-- Opening Marker --
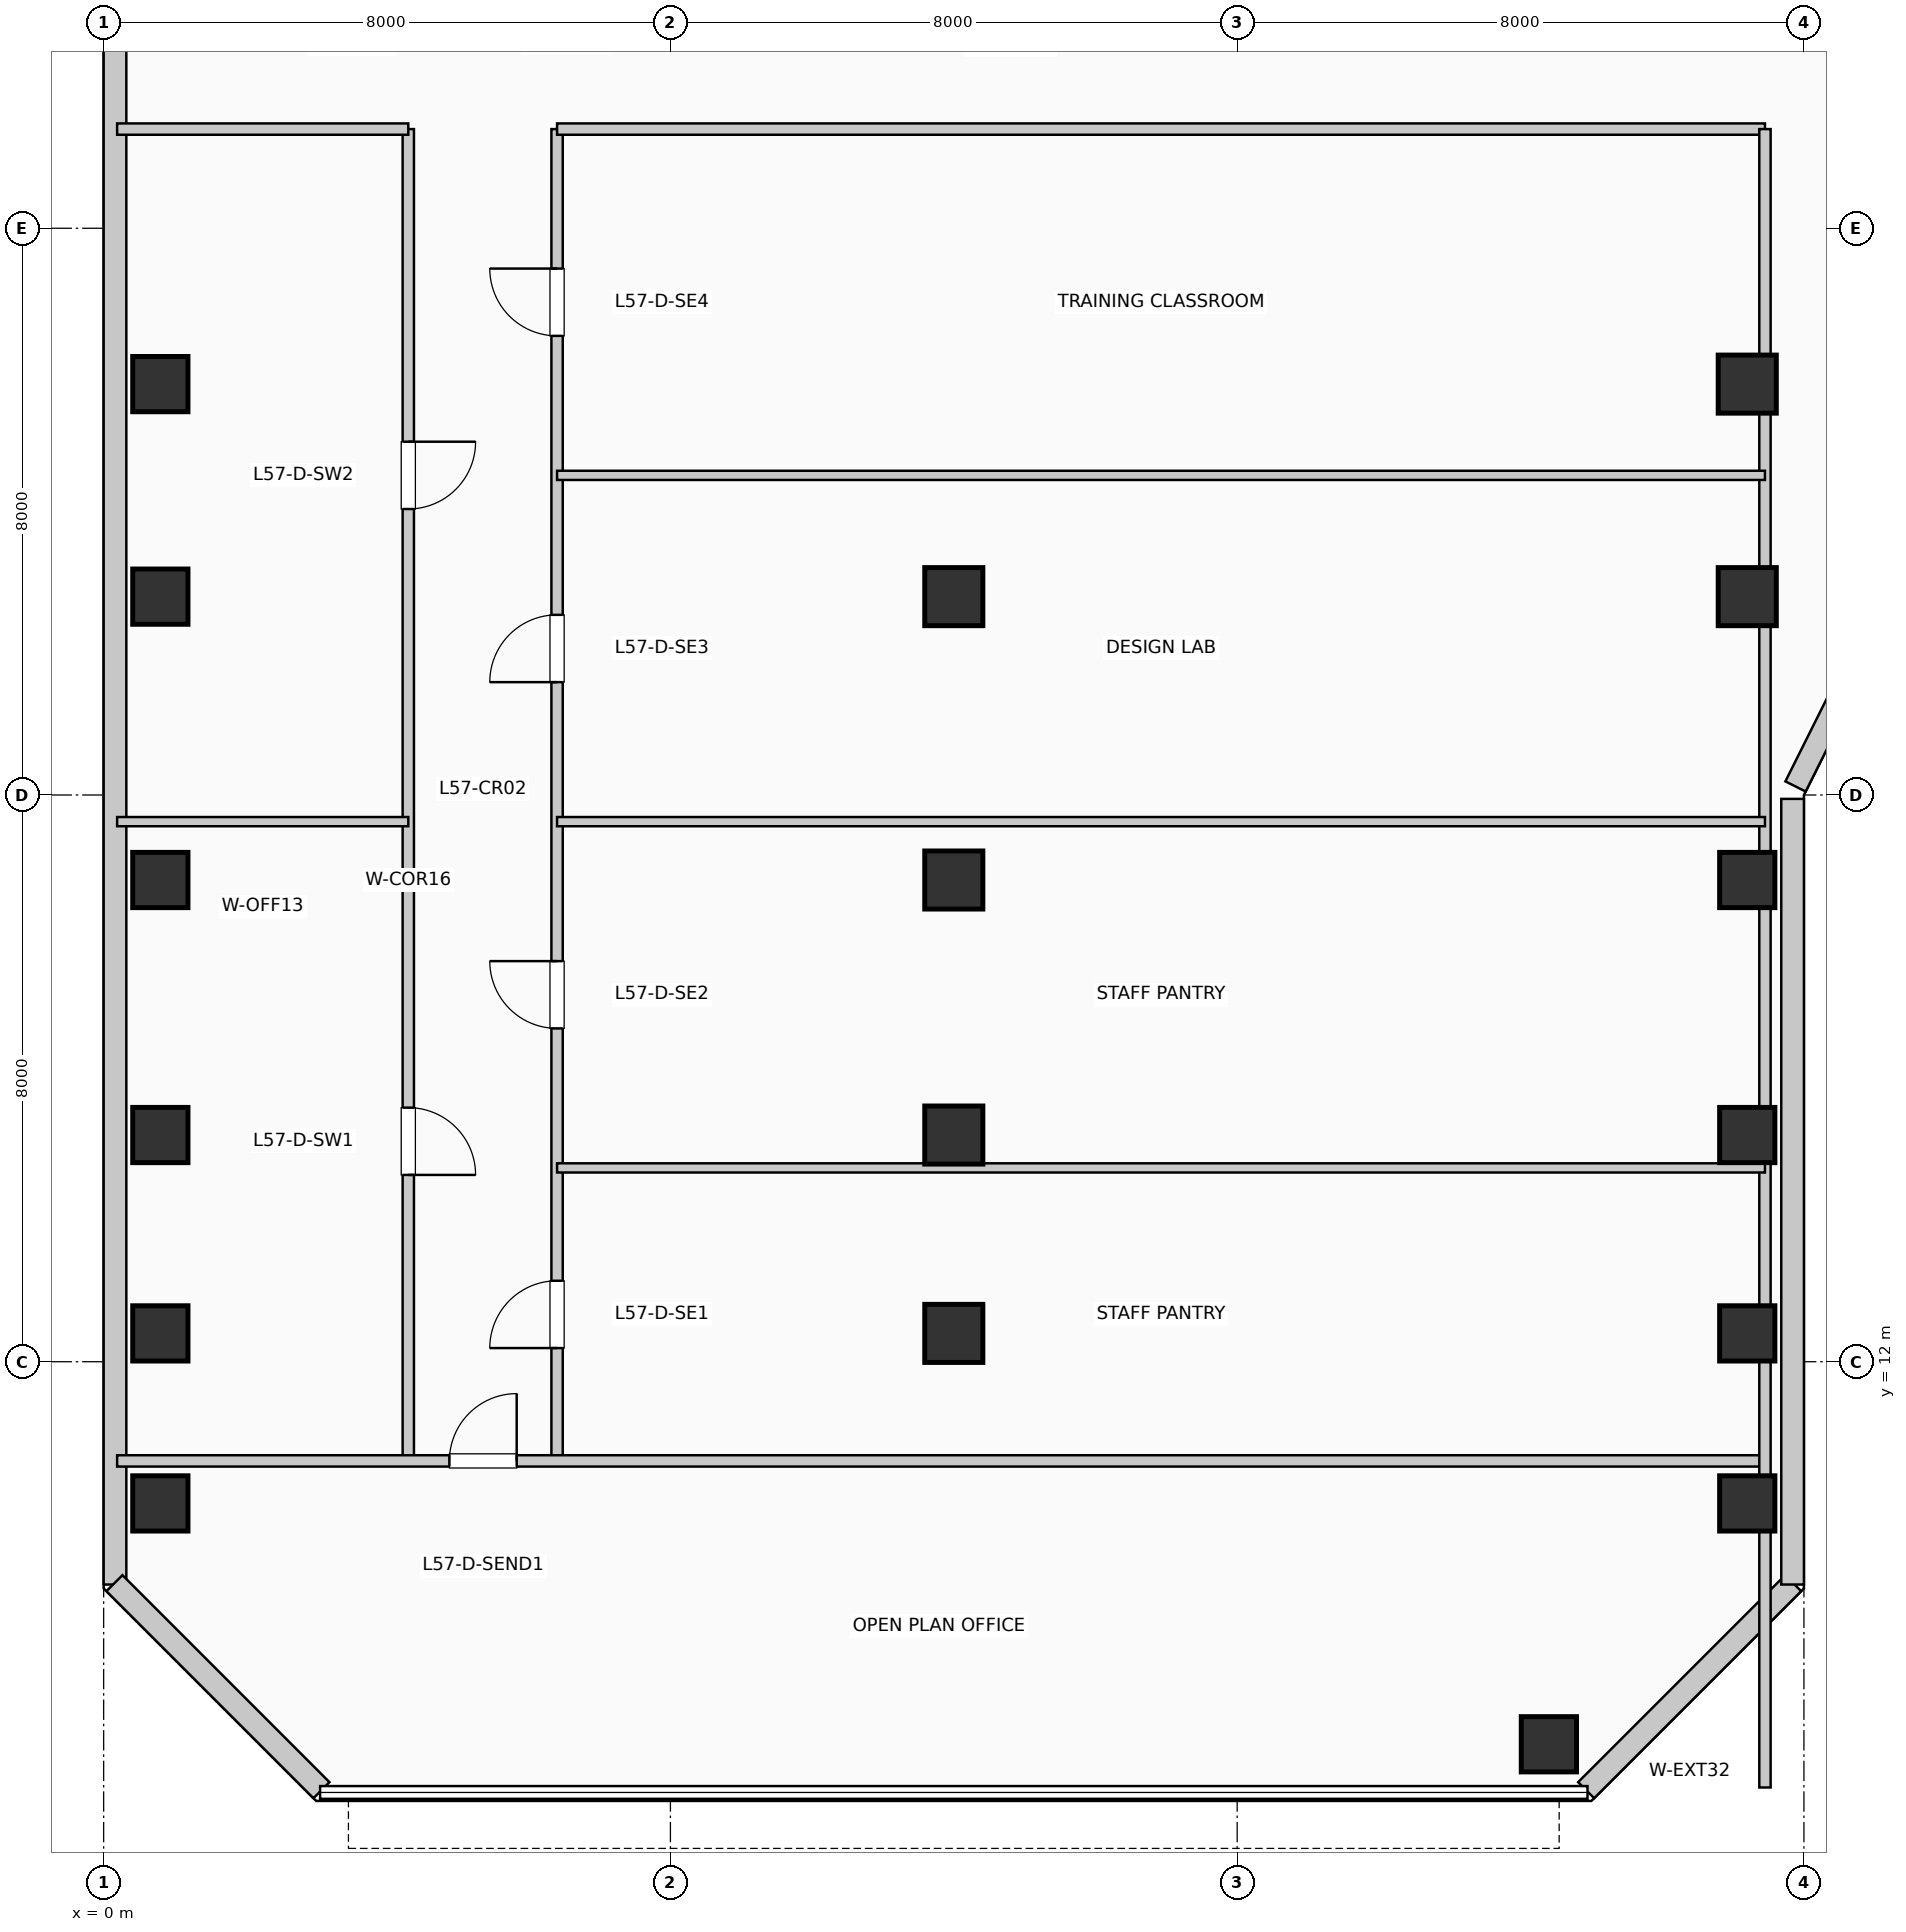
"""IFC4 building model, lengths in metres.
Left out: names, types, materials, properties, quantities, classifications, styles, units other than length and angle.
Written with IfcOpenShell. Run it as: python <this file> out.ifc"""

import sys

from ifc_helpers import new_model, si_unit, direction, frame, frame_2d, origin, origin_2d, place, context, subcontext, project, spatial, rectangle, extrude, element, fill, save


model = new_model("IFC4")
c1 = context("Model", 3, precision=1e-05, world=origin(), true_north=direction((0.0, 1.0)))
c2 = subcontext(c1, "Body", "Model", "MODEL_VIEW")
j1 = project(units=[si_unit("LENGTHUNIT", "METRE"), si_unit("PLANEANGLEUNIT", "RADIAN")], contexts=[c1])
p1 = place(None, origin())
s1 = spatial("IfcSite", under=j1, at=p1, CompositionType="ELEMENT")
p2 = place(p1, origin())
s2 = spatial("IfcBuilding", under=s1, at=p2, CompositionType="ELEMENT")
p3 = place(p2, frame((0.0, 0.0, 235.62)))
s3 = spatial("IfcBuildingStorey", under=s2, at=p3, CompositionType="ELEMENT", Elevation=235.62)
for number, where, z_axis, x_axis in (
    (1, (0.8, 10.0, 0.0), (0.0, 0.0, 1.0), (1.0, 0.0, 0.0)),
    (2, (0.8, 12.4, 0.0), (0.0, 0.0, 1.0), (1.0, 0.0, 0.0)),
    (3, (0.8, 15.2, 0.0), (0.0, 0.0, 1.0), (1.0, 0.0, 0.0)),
-- Closing Marker --
Work instruction: Each line from the one containing "for number, where, z_axis, x_axis" down to the last line of the material above is to be transcribed exactly, with nothing else included.

Written response:
for number, where, z_axis, x_axis in (
    (1, (0.8, 10.0, 0.0), (0.0, 0.0, 1.0), (1.0, 0.0, 0.0)),
    (2, (0.8, 12.4, 0.0), (0.0, 0.0, 1.0), (1.0, 0.0, 0.0)),
    (3, (0.8, 15.2, 0.0), (0.0, 0.0, 1.0), (1.0, 0.0, 0.0)),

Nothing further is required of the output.